§ RECORD SET:
# # # # #
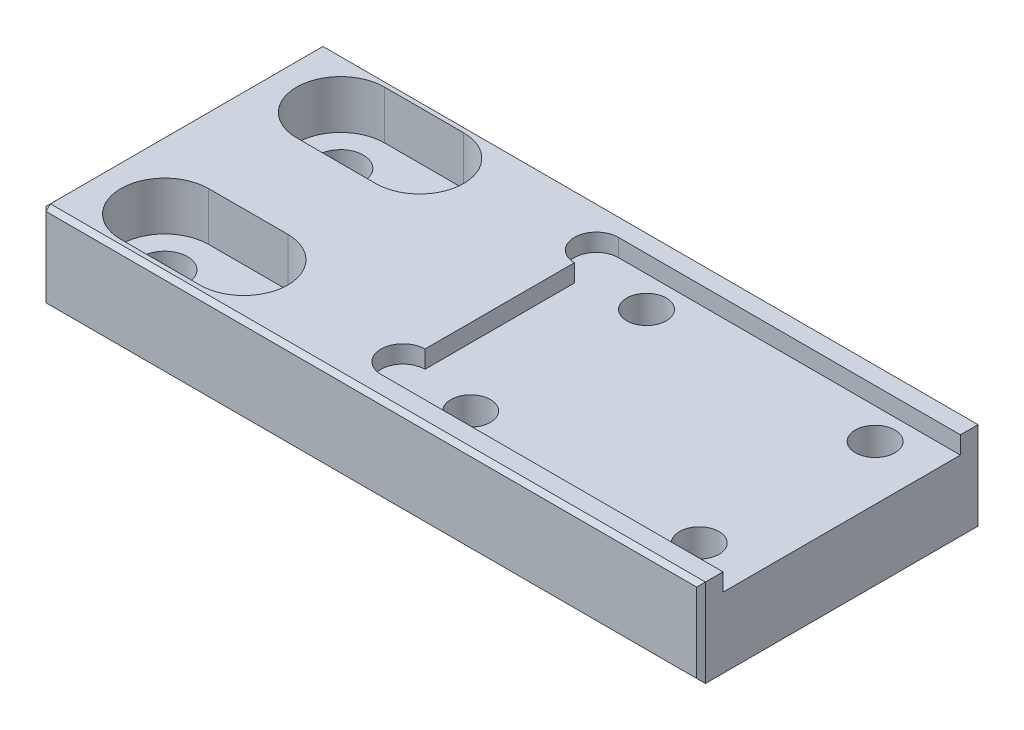
from build123d import *

# Parameters (mm, degrees)
SKETCH1_W                                            = 75
SKETCH1_H                                            = 32
EXTRUDE1_DEPTH                                       = 10
SKETCH2_W                                            = 38.9
SKETCH2_H                                            = 27
EXTRUDE2_DEPTH                                       = 2
CBORE_FOR_M4_HEXAGON_SOCKET_HEAD_CAP_SCR_D           = 4.5
CBORE_FOR_M4_HEXAGON_SOCKET_HEAD_CAP_SCR_CBORE_D     = 8
CBORE_FOR_M4_HEXAGON_SOCKET_HEAD_CAP_SCR_CBORE_DEPTH = 4.6
CBORE_FOR_M5_HEXAGON_SOCKET_HEAD_CAP_SCR_D           = 5.2
CBORE_FOR_M5_HEXAGON_SOCKET_HEAD_CAP_SCR_CBORE_D     = 10
CBORE_FOR_M5_HEXAGON_SOCKET_HEAD_CAP_SCR_CBORE_DEPTH = 5.5
EXTRUDE4_START                                       = 10
EXTRUDE4_DEPTH                                       = 10
SKETCH11_R                                           = 2.5
EXTRUDE6_DEPTH                                       = 2
CHAMFER1_SIZE                                        = 0.5


with BuildPart() as part:
    # Sketch1 → Extrude1 (new body)
    with BuildSketch(Plane(origin=(0, 0, 0), x_dir=(1, 0, 0), z_dir=(0, 1, 0))):
        Rectangle(SKETCH1_W, SKETCH1_H)
    extrude(amount=EXTRUDE1_DEPTH)

    # Sketch2 → Extrude2 (cut)
    with BuildSketch(Plane(origin=(0, 10, 0), x_dir=(1, 0, 0), z_dir=(0, 1, 0))):
        with Locations((18.05, 0)):
            Rectangle(SKETCH2_W, SKETCH2_H)
    extrude(amount=-EXTRUDE2_DEPTH, mode=Mode.SUBTRACT)

    # CBORE for M4 Hexagon socket head cap screws1 (through all)
    with Locations(Plane(origin=(0, 0, 0), x_dir=(-1, 0, 0), z_dir=(0, -1, 0))):
        with Locations((-31.3, -10), (-31.3, 10), (-5.3, 10), (-5.3, -10)):
            CounterBoreHole(CBORE_FOR_M4_HEXAGON_SOCKET_HEAD_CAP_SCR_D / 2, CBORE_FOR_M4_HEXAGON_SOCKET_HEAD_CAP_SCR_CBORE_D / 2, CBORE_FOR_M4_HEXAGON_SOCKET_HEAD_CAP_SCR_CBORE_DEPTH)

    # CBORE for M5 Hexagon socket head cap screws1 (through all)
    with Locations(Plane(origin=(0, 10, 0), x_dir=(1, 0, 0), z_dir=(0, 1, 0))):
        with Locations((-29.5, 10), (-20.5, 10), (-20.5, -10), (-29.5, -10)):
            CounterBoreHole(CBORE_FOR_M5_HEXAGON_SOCKET_HEAD_CAP_SCR_D / 2, CBORE_FOR_M5_HEXAGON_SOCKET_HEAD_CAP_SCR_CBORE_D / 2, CBORE_FOR_M5_HEXAGON_SOCKET_HEAD_CAP_SCR_CBORE_DEPTH)

    # Sketch10 → Extrude4 (cut)
    with BuildSketch(Plane(origin=(0, 4.5, 0), x_dir=(1, 0, 0), z_dir=(0, 1, 0)).offset(EXTRUDE4_START)):
        with BuildLine():
            Line((-29.5, 15), (-20.5, 15))
            ThreePointArc((-20.5, 15), (-15.5, 10), (-20.5, 5))
            Line((-20.5, 5), (-29.5, 5))
            ThreePointArc((-29.5, 5), (-34.5, 10), (-29.5, 15))
        make_face()
        with BuildLine():
            Line((-29.5, -5), (-20.5, -5))
            ThreePointArc((-20.5, -5), (-15.5, -10), (-20.5, -15))
            Line((-20.5, -15), (-29.5, -15))
            ThreePointArc((-29.5, -15), (-34.5, -10), (-29.5, -5))
        make_face()
    extrude(amount=-EXTRUDE4_DEPTH, mode=Mode.SUBTRACT)

    # Sketch11 → Extrude6 (cut)
    with BuildSketch(Plane(origin=(0, 10, 0), x_dir=(1, 0, 0), z_dir=(0, 1, 0))):
        with Locations((-1.4, 11)):
            Circle(SKETCH11_R)
        with Locations((-1.4, -11)):
            Circle(SKETCH11_R)
    extrude(amount=-EXTRUDE6_DEPTH, mode=Mode.SUBTRACT)

    # Chamfer1
    chamfer1_edges = [part.edges().sort_by_distance(p)[0] for p in [
        (0, 10, -16),
        (-37.5, 10, 0),
        (0, 0, -16),
        (0, 0, 16),
        (0, 10, 16),
        (-37.5, 5, -16),
        (37.5, 5, -16),
        (37.5, 5, 16),
        (-37.5, 5, 16),
    ]]
    chamfer(chamfer1_edges, length=CHAMFER1_SIZE)


solid = part.part
# # # # #
§ EXERCISE BRIEF: Copy whichever lines of the records above contain the word "Plane".

§ RESULT OF THE TASK:
    with BuildSketch(Plane(origin=(0, 0, 0), x_dir=(1, 0, 0), z_dir=(0, 1, 0))):
    with BuildSketch(Plane(origin=(0, 10, 0), x_dir=(1, 0, 0), z_dir=(0, 1, 0))):
    with Locations(Plane(origin=(0, 0, 0), x_dir=(-1, 0, 0), z_dir=(0, -1, 0))):
    with Locations(Plane(origin=(0, 10, 0), x_dir=(1, 0, 0), z_dir=(0, 1, 0))):
    with BuildSketch(Plane(origin=(0, 4.5, 0), x_dir=(1, 0, 0), z_dir=(0, 1, 0)).offset(EXTRUDE4_START)):
    with BuildSketch(Plane(origin=(0, 10, 0), x_dir=(1, 0, 0), z_dir=(0, 1, 0))):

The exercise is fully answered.